Source data:
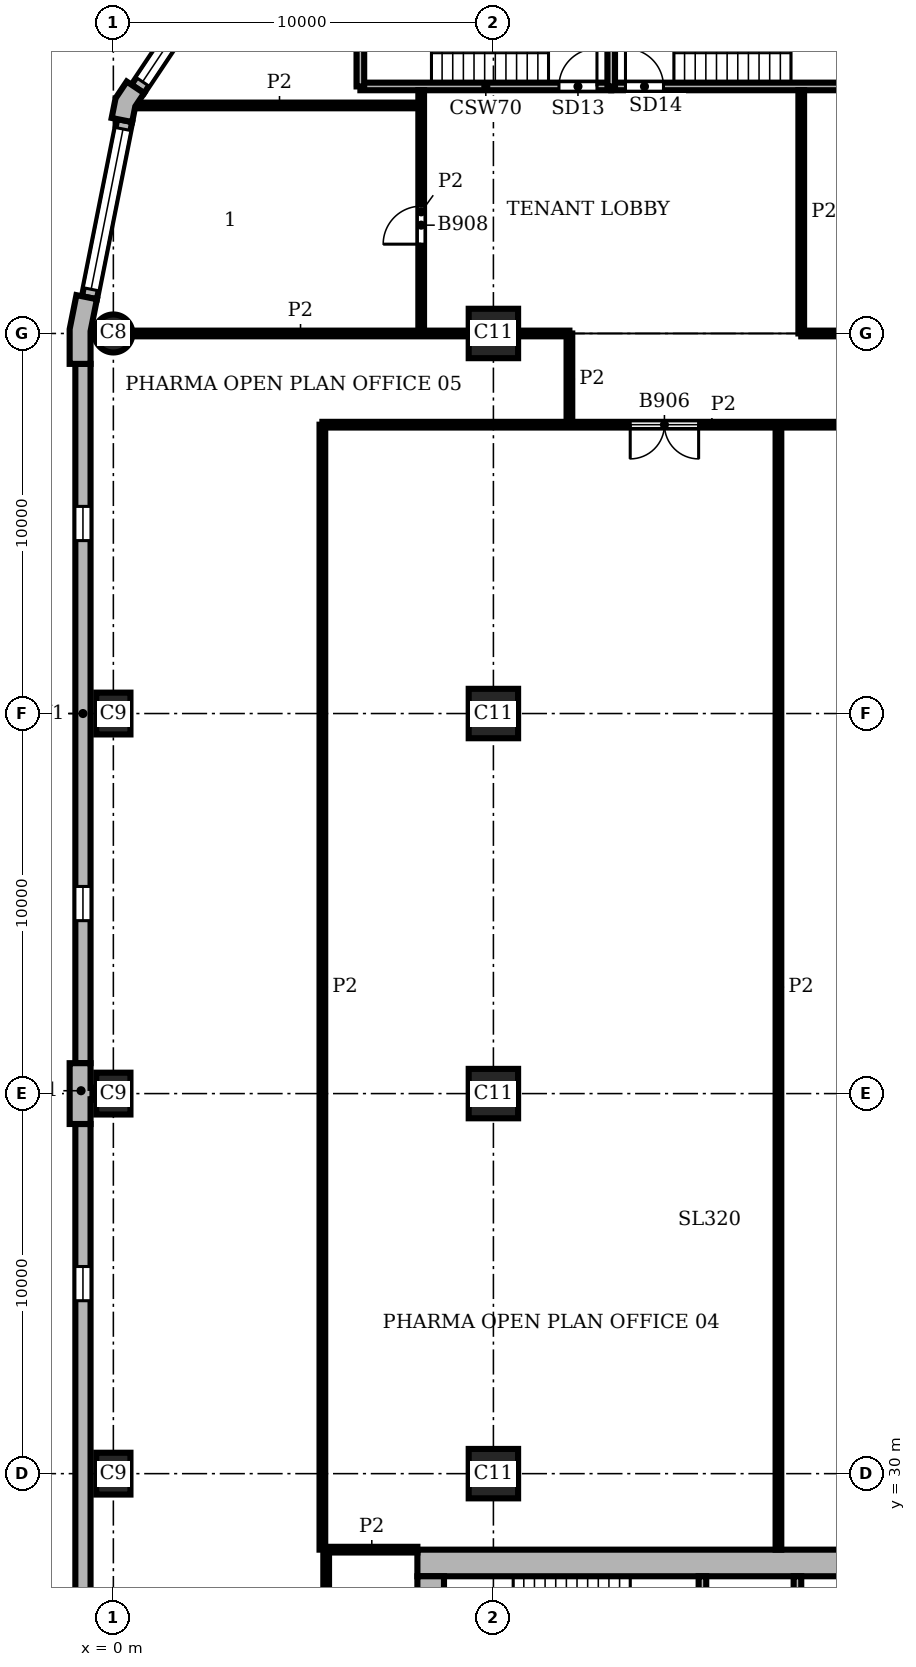
"""IFC4 building model, lengths in metres.
Left out: names, types, materials, properties, quantities, classifications, styles, units other than length and angle.
Written with IfcOpenShell. Run it as: python <this file> out.ifc"""

import sys

from ifc_helpers import new_model, si_unit, direction, frame, frame_2d, origin, origin_2d, place, context, subcontext, project, spatial, polyline, rectangle, circle, outline, extrude, element, fill, save


model = new_model("IFC4")
c1 = context("Model", 3, precision=1e-05, world=origin(), true_north=direction((0.0, 1.0)))
c2 = subcontext(c1, "Body", "Model", "MODEL_VIEW")
j1 = project(units=[si_unit("LENGTHUNIT", "METRE"), si_unit("PLANEANGLEUNIT", "RADIAN")], contexts=[c1])
p1 = place(None, origin())
s1 = spatial("IfcSite", under=j1, at=p1, CompositionType="ELEMENT")
p2 = place(p1, origin())
s2 = spatial("IfcBuilding", under=s1, at=p2, CompositionType="ELEMENT")
p3 = place(p2, frame((0.0, 0.0, 225.3)))
s3 = spatial("IfcBuildingStorey", under=s2, at=p3, CompositionType="ELEMENT", Elevation=225.3)
p4 = place(p3, frame((0.0, 60.0, 0.0), z_axis=(0.0, 0.0, 1.0), x_axis=(1.0, 0.0, 0.0)))
e1 = element("IfcColumn", 1, at=p4, inside=s3, PredefinedType="COLUMN", context=c2, shape_type="SweptSolid", body=[
    extrude(circle(Radius=0.5, at=origin_2d()), origin(), (0.0, 0.0, 1.0), 3.9),
])
for number, where, z_axis, x_axis in (
    (2, (0.0, 50.0, 0.0), (0.0, 0.0, 1.0), (0.0, 1.0, 0.0)),
    (3, (0.0, 40.0, 0.0), (0.0, 0.0, 1.0), (0.0, 1.0, 0.0)),
    (4, (0.0, 30.0, 0.0), (0.0, 0.0, 1.0), (0.0, 1.0, 0.0)),
):
    element("IfcColumn", number, at=place(p3, frame(where, z_axis=z_axis, x_axis=x_axis)), inside=s3, PredefinedType="COLUMN", context=c2, shape_type="SweptSolid", body=[
        extrude(rectangle(XDim=1.1, YDim=0.9, at=origin_2d()), origin(), (0.0, 0.0, 1.0), 3.9),
    ])
for number, where, z_axis, x_axis in (
    (5, (10.0, 30.0, 0.0), (0.0, 0.0, 1.0), (1.0, 0.0, 0.0)),
    (6, (10.0, 40.0, 0.0), (0.0, 0.0, 1.0), (1.0, 0.0, 0.0)),
    (7, (10.0, 50.0, 0.0), (0.0, 0.0, 1.0), (1.0, 0.0, 0.0)),
    (8, (10.0, 60.0, 0.0), (0.0, 0.0, 1.0), (1.0, 0.0, 0.0)),
):
    element("IfcColumn", number, at=place(p3, frame(where, z_axis=z_axis, x_axis=x_axis)), inside=s3, PredefinedType="COLUMN", context=c2, shape_type="SweptSolid", body=[
        extrude(rectangle(XDim=1.3, YDim=1.3, at=origin_2d()), origin(), (0.0, 0.0, 1.0), 3.9),
    ])
p5 = place(p3, frame((28.0, 27.65, 0.0), z_axis=(0.0, 0.0, 1.0), x_axis=(-1.0, 0.0, 0.0)))
e9 = element("IfcWall", 9, at=p5, inside=s3, PredefinedType="SHEAR", context=c2, shape_type="SweptSolid", body=[
    extrude(rectangle(XDim=20.0, YDim=0.7, at=frame_2d((10.0, 0.0))), origin(), (0.0, 0.0, 1.0), 3.9),
])
p6 = place(p3, frame((8.35, 27.3, 0.0), z_axis=(0.0, 0.0, 1.0), x_axis=(0.0, -1.0, 0.0)))
e10 = element("IfcWall", 10, at=p6, inside=s3, PredefinedType="SHEAR", context=c2, shape_type="SweptSolid", body=[
    extrude(rectangle(XDim=18.6, YDim=0.7, at=frame_2d((9.3, 0.0))), origin(), (0.0, 0.0, 1.0), 3.9),
])
p7 = place(p3, origin())
e11 = element("IfcWall", 11, at=p7, inside=s3, PredefinedType="SOLIDWALL", context=c2, shape_type="SweptSolid", body=[
    extrude(outline(polyline([(0.477, 66.545), (0.352, 66.629), (0.059, 66.189), (-0.045, 65.67), (0.103, 65.641), (0.495, 65.563), (0.577, 65.974), (0.81, 66.323), (0.477, 66.545)])), origin(), (0.0, 0.0, 1.0), 3.9),
])
e12 = element("IfcWall", 12, at=p7, inside=s3, PredefinedType="SOLIDWALL", context=c2, shape_type="SweptSolid", body=[
    extrude(outline(polyline([(-0.825, 60.98), (-0.972, 61.009), (-1.15, 60.113), (-1.15, 59.2), (-1.0, 59.2), (-0.6, 59.2), (-0.6, 60.059), (-0.432, 60.902), (-0.825, 60.98)])), origin(), (0.0, 0.0, 1.0), 3.9),
])
e13 = element("IfcWall", 13, at=p7, inside=s3, PredefinedType="SOLIDWALL", context=c2, shape_type="SweptSolid", body=[
    extrude(outline(polyline([(-0.6, 39.2), (-0.6, 39.85), (-0.55, 39.85), (-0.55, 40.15), (-0.6, 40.15), (-0.6, 40.8), (-1.0, 40.8), (-1.15, 40.8), (-1.15, 40.0), (-1.15, 39.2), (-1.0, 39.2), (-0.6, 39.2)])), origin(), (0.0, 0.0, 1.0), 3.9),
])
p8 = place(p3, frame((3.284, 70.386, 0.0), z_axis=(0.0, 0.0, 1.0), x_axis=(-0.555541552266, -0.831488775454, 0.0)))
e14 = element("IfcWall", 14, at=p8, inside=s3, PredefinedType="SOLIDWALL", context=c2, shape_type="SweptSolid", body=[
    extrude(rectangle(XDim=4.753, YDim=0.4, at=frame_2d((2.376, 0.0))), origin(), (0.0, 0.0, 1.0), 3.9),
])
p9 = place(p8, frame((0.226, 0.0, 0.9)))
e15 = element("IfcOpeningElement", 15, at=p9, cuts=e14, PredefinedType="OPENING", context=c2, shape_type="SweptSolid", body=[
    extrude(rectangle(XDim=4.3, YDim=2.35, at=frame_2d((2.15, 1.175))), frame((0.0, 0.21, 0.0), z_axis=(0.0, -1.0, 0.0), x_axis=(1.0, 0.0, 0.0)), (0.0, 0.0, 1.0), 0.42),
])
p10 = place(p3, frame((0.299, 65.602, 0.0), z_axis=(0.0, 0.0, 1.0), x_axis=(-0.195098533057, -0.98078364709, 0.0)))
e16 = element("IfcWall", 16, at=p10, inside=s3, PredefinedType="SOLIDWALL", context=c2, shape_type="SweptSolid", body=[
    extrude(rectangle(XDim=4.753, YDim=0.4, at=frame_2d((2.376, 0.0))), origin(), (0.0, 0.0, 1.0), 3.9),
])
p11 = place(p10, frame((0.226, 0.0, 0.9)))
e17 = element("IfcOpeningElement", 17, at=p11, cuts=e16, PredefinedType="OPENING", context=c2, shape_type="SweptSolid", body=[
    extrude(rectangle(XDim=4.3, YDim=2.35, at=frame_2d((2.15, 1.175))), frame((0.0, 0.21, 0.0), z_axis=(0.0, -1.0, 0.0), x_axis=(1.0, 0.0, 0.0)), (0.0, 0.0, 1.0), 0.42),
])
p12 = place(p3, frame((-0.8, 59.2, 0.0), z_axis=(0.0, 0.0, 1.0), x_axis=(0.0, -1.0, 0.0)))
e18 = element("IfcWall", 18, at=p12, inside=s3, PredefinedType="SOLIDWALL", context=c2, shape_type="SweptSolid", body=[
    extrude(rectangle(XDim=18.4, YDim=0.4, at=frame_2d((9.2, 0.0))), origin(), (0.0, 0.0, 1.0), 3.9),
])
p13 = place(p12, frame((3.75, 0.0, 0.9)))
e19 = element("IfcOpeningElement", 19, at=p13, cuts=e18, PredefinedType="OPENING", context=c2, shape_type="SweptSolid", body=[
    extrude(rectangle(XDim=0.9, YDim=2.35, at=frame_2d((0.45, 1.175))), frame((0.0, 0.21, 0.0), z_axis=(0.0, -1.0, 0.0), x_axis=(1.0, 0.0, 0.0)), (0.0, 0.0, 1.0), 0.42),
])
p14 = place(p12, frame((13.75, 0.0, 0.9)))
e20 = element("IfcOpeningElement", 20, at=p14, cuts=e18, PredefinedType="OPENING", context=c2, shape_type="SweptSolid", body=[
    extrude(rectangle(XDim=0.9, YDim=2.35, at=frame_2d((0.45, 1.175))), frame((0.0, 0.21, 0.0), z_axis=(0.0, -1.0, 0.0), x_axis=(1.0, 0.0, 0.0)), (0.0, 0.0, 1.0), 0.42),
])
p15 = place(p3, frame((-0.8, 39.2, 0.0), z_axis=(0.0, 0.0, 1.0), x_axis=(0.0, -1.0, 0.0)))
e21 = element("IfcWall", 21, at=p15, inside=s3, PredefinedType="SOLIDWALL", context=c2, shape_type="SweptSolid", body=[
    extrude(rectangle(XDim=18.4, YDim=0.4, at=frame_2d((9.2, 0.0))), origin(), (0.0, 0.0, 1.0), 3.9),
])
p16 = place(p15, frame((3.75, 0.0, 0.9)))
e22 = element("IfcOpeningElement", 22, at=p16, cuts=e21, PredefinedType="OPENING", context=c2, shape_type="SweptSolid", body=[
    extrude(rectangle(XDim=0.9, YDim=2.35, at=frame_2d((0.45, 1.175))), frame((0.0, 0.21, 0.0), z_axis=(0.0, -1.0, 0.0), x_axis=(1.0, 0.0, 0.0)), (0.0, 0.0, 1.0), 0.42),
])
p17 = place(p15, frame((13.75, 0.0, 0.9)))
e23 = element("IfcOpeningElement", 23, at=p17, cuts=e21, PredefinedType="OPENING", context=c2, shape_type="SweptSolid", body=[
    extrude(rectangle(XDim=0.9, YDim=2.35, at=frame_2d((0.45, 1.175))), frame((0.0, 0.21, 0.0), z_axis=(0.0, -1.0, 0.0), x_axis=(1.0, 0.0, 0.0)), (0.0, 0.0, 1.0), 0.42),
])
p18 = place(p3, frame((6.5, 66.5, 0.0), z_axis=(0.0, 0.0, 1.0), x_axis=(1.0, 0.0, 0.0)))
e24 = element("IfcWall", 24, at=p18, inside=s3, PredefinedType="SHEAR", context=c2, shape_type="SweptSolid", body=[
    extrude(rectangle(XDim=6.6, YDim=0.2, at=frame_2d((3.3, 0.0))), origin(), (0.0, 0.0, 1.0), 3.58),
])
p19 = place(p18, frame((5.225, 0.0, 0.0)))
e25 = element("IfcOpeningElement", 25, at=p19, cuts=e24, PredefinedType="OPENING", context=c2, shape_type="SweptSolid", body=[
    extrude(rectangle(XDim=1.0, YDim=2.1, at=frame_2d((0.5, 1.05))), frame((0.0, 0.11, 0.0), z_axis=(0.0, -1.0, 0.0), x_axis=(1.0, 0.0, 0.0)), (0.0, 0.0, 1.0), 0.22),
])
p20 = place(p3, frame((13.1, 66.5, 0.0), z_axis=(0.0, 0.0, 1.0), x_axis=(1.0, 0.0, 0.0)))
e26 = element("IfcWall", 26, at=p20, inside=s3, PredefinedType="SHEAR", context=c2, shape_type="SweptSolid", body=[
    extrude(rectangle(XDim=6.6, YDim=0.2, at=frame_2d((3.3, 0.0))), origin(), (0.0, 0.0, 1.0), 3.58),
])
p21 = place(p20, frame((0.375, 0.0, 0.0)))
e27 = element("IfcOpeningElement", 27, at=p21, cuts=e26, PredefinedType="OPENING", context=c2, shape_type="SweptSolid", body=[
    extrude(rectangle(XDim=1.0, YDim=2.1, at=frame_2d((0.5, 1.05))), frame((0.0, 0.11, 0.0), z_axis=(0.0, -1.0, 0.0), x_axis=(1.0, 0.0, 0.0)), (0.0, 0.0, 1.0), 0.22),
])
for number, where, z_axis, x_axis in (
    (28, (6.5, 66.5, 0.0), (0.0, 0.0, 1.0), (0.0, 1.0, 0.0)),
    (29, (13.1, 66.5, 0.0), (0.0, 0.0, 1.0), (0.0, 1.0, 0.0)),
):
    element("IfcWall", number, at=place(p3, frame(where, z_axis=z_axis, x_axis=x_axis)), inside=s3, PredefinedType="SHEAR", context=c2, shape_type="SweptSolid", body=[
        extrude(rectangle(XDim=3.3, YDim=0.2, at=frame_2d((1.65, 0.0))), origin(), (0.0, 0.0, 1.0), 3.58),
    ])
p22 = place(p3, frame((15.5, 23.6, 0.0), z_axis=(0.0, 0.0, 1.0), x_axis=(0.0, 1.0, 0.0)))
e30 = element("IfcWall", 30, at=p22, inside=s3, PredefinedType="SHEAR", context=c2, shape_type="SweptSolid", body=[
    extrude(rectangle(XDim=3.7, YDim=0.2, at=frame_2d((1.85, 0.0))), origin(), (0.0, 0.0, 1.0), 3.58),
])
p23 = place(p3, frame((18.0, 20.0, 0.0), z_axis=(0.0, 0.0, 1.0), x_axis=(0.0, 1.0, 0.0)))
e31 = element("IfcWall", 31, at=p23, inside=s3, PredefinedType="SHEAR", context=c2, shape_type="SweptSolid", body=[
    extrude(rectangle(XDim=7.3, YDim=0.2, at=frame_2d((3.65, 0.0))), origin(), (0.0, 0.0, 1.0), 3.58),
])
p24 = place(p23, frame((1.2, 0.0, 0.0)))
e32 = element("IfcOpeningElement", 32, at=p24, cuts=e31, PredefinedType="OPENING", context=c2, shape_type="SweptSolid", body=[
    extrude(rectangle(XDim=1.2, YDim=2.1, at=frame_2d((0.6, 1.05))), frame((0.0, 0.11, 0.0), z_axis=(0.0, -1.0, 0.0), x_axis=(1.0, 0.0, 0.0)), (0.0, 0.0, 1.0), 0.22),
])
p25 = place(p3, frame((5.5, 28.0, 0.0), z_axis=(0.0, 0.0, 1.0), x_axis=(0.0, 1.0, 0.0)))
e33 = element("IfcWall", 33, at=p25, inside=s3, PredefinedType="PARTITIONING", context=c2, shape_type="SweptSolid", body=[
    extrude(rectangle(XDim=29.6, YDim=0.15, at=frame_2d((14.8, 0.0))), origin(), (0.0, 0.0, 1.0), 3.58),
])
p26 = place(p3, frame((5.6, 5.6, 0.0), z_axis=(0.0, 0.0, 1.0), x_axis=(0.0, 1.0, 0.0)))
e34 = element("IfcWall", 34, at=p26, inside=s3, PredefinedType="PARTITIONING", context=c2, shape_type="SweptSolid", body=[
    extrude(rectangle(XDim=22.4, YDim=0.15, at=frame_2d((11.2, 0.0))), origin(), (0.0, 0.0, 1.0), 3.58),
])
p27 = place(p26, frame((5.35, 0.0, 0.0)))
e35 = element("IfcOpeningElement", 35, at=p27, cuts=e34, PredefinedType="OPENING", context=c2, shape_type="SweptSolid", body=[
    extrude(rectangle(XDim=0.8, YDim=2.1, at=frame_2d((0.4, 1.05))), frame((0.0, 0.085, 0.0), z_axis=(0.0, -1.0, 0.0), x_axis=(1.0, 0.0, 0.0)), (0.0, 0.0, 1.0), 0.17),
])
p28 = place(p26, frame((11.5, 0.0, 0.0)))
e36 = element("IfcOpeningElement", 36, at=p28, cuts=e34, PredefinedType="OPENING", context=c2, shape_type="SweptSolid", body=[
    extrude(rectangle(XDim=0.8, YDim=2.1, at=frame_2d((0.4, 1.05))), frame((0.0, 0.085, 0.0), z_axis=(0.0, -1.0, 0.0), x_axis=(1.0, 0.0, 0.0)), (0.0, 0.0, 1.0), 0.17),
])
p29 = place(p26, frame((17.75, 0.0, 0.0)))
e37 = element("IfcOpeningElement", 37, at=p29, cuts=e34, PredefinedType="OPENING", context=c2, shape_type="SweptSolid", body=[
    extrude(rectangle(XDim=1.8, YDim=2.1, at=frame_2d((0.9, 1.05))), frame((0.0, 0.085, 0.0), z_axis=(0.0, -1.0, 0.0), x_axis=(1.0, 0.0, 0.0)), (0.0, 0.0, 1.0), 0.17),
])
p30 = place(p3, frame((8.1, 60.0, 0.0), z_axis=(0.0, 0.0, 1.0), x_axis=(0.0, 1.0, 0.0)))
e38 = element("IfcWall", 38, at=p30, inside=s3, PredefinedType="PARTITIONING", context=c2, shape_type="SweptSolid", body=[
    extrude(rectangle(XDim=6.4, YDim=0.15, at=frame_2d((3.2, 0.0))), origin(), (0.0, 0.0, 1.0), 3.58),
])
p31 = place(p30, frame((2.35, 0.0, 0.0)))
e39 = element("IfcOpeningElement", 39, at=p31, cuts=e38, PredefinedType="OPENING", context=c2, shape_type="SweptSolid", body=[
    extrude(rectangle(XDim=1.0, YDim=2.1, at=frame_2d((0.5, 1.05))), frame((0.0, 0.085, 0.0), z_axis=(0.0, -1.0, 0.0), x_axis=(1.0, 0.0, 0.0)), (0.0, 0.0, 1.0), 0.17),
])
p32 = place(p3, frame((12.0, 57.6, 0.0), z_axis=(0.0, 0.0, 1.0), x_axis=(0.0, 1.0, 0.0)))
e40 = element("IfcWall", 40, at=p32, inside=s3, PredefinedType="PARTITIONING", context=c2, shape_type="SweptSolid", body=[
    extrude(rectangle(XDim=2.4, YDim=0.15, at=frame_2d((1.2, 0.0))), origin(), (0.0, 0.0, 1.0), 3.58),
])
p33 = place(p3, frame((17.5, 28.0, 0.0), z_axis=(0.0, 0.0, 1.0), x_axis=(0.0, 1.0, 0.0)))
e41 = element("IfcWall", 41, at=p33, inside=s3, PredefinedType="PARTITIONING", context=c2, shape_type="SweptSolid", body=[
    extrude(rectangle(XDim=29.6, YDim=0.15, at=frame_2d((14.8, 0.0))), origin(), (0.0, 0.0, 1.0), 3.58),
])
p34 = place(p3, frame((18.1, 60.0, 0.0), z_axis=(0.0, 0.0, 1.0), x_axis=(0.0, 1.0, 0.0)))
e42 = element("IfcWall", 42, at=p34, inside=s3, PredefinedType="PARTITIONING", context=c2, shape_type="SweptSolid", body=[
    extrude(rectangle(XDim=6.4, YDim=0.15, at=frame_2d((3.2, 0.0))), origin(), (0.0, 0.0, 1.0), 3.58),
])
p35 = place(p3, frame((5.6, 28.0, 0.0), z_axis=(0.0, 0.0, 1.0), x_axis=(1.0, 0.0, 0.0)))
e43 = element("IfcWall", 43, at=p35, inside=s3, PredefinedType="PARTITIONING", context=c2, shape_type="SweptSolid", body=[
    extrude(rectangle(XDim=2.4, YDim=0.15, at=frame_2d((1.2, 0.0))), origin(), (0.0, 0.0, 1.0), 3.58),
])
p36 = place(p3, frame((5.5, 57.6, 0.0), z_axis=(0.0, 0.0, 1.0), x_axis=(1.0, 0.0, 0.0)))
e44 = element("IfcWall", 44, at=p36, inside=s3, PredefinedType="PARTITIONING", context=c2, shape_type="SweptSolid", body=[
    extrude(rectangle(XDim=20.5, YDim=0.15, at=frame_2d((10.25, 0.0))), origin(), (0.0, 0.0, 1.0), 3.58),
])
p37 = place(p36, frame((8.1, 0.0, 0.0)))
e45 = element("IfcOpeningElement", 45, at=p37, cuts=e44, PredefinedType="OPENING", context=c2, shape_type="SweptSolid", body=[
    extrude(rectangle(XDim=1.8, YDim=2.1, at=frame_2d((0.9, 1.05))), frame((0.0, 0.085, 0.0), z_axis=(0.0, -1.0, 0.0), x_axis=(1.0, 0.0, 0.0)), (0.0, 0.0, 1.0), 0.17),
])
p38 = place(p3, frame((0.5, 60.0, 0.0), z_axis=(0.0, 0.0, 1.0), x_axis=(1.0, 0.0, 0.0)))
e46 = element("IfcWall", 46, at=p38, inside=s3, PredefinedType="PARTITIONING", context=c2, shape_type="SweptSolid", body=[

TASK DETAILS: The answer must be every line of the records that holds the string "spatial".

FINISHED TASK:
from ifc_helpers import new_model, si_unit, direction, frame, frame_2d, origin, origin_2d, place, context, subcontext, project, spatial, polyline, rectangle, circle, outline, extrude, element, fill, save
s1 = spatial("IfcSite", under=j1, at=p1, CompositionType="ELEMENT")
s2 = spatial("IfcBuilding", under=s1, at=p2, CompositionType="ELEMENT")
s3 = spatial("IfcBuildingStorey", under=s2, at=p3, CompositionType="ELEMENT", Elevation=225.3)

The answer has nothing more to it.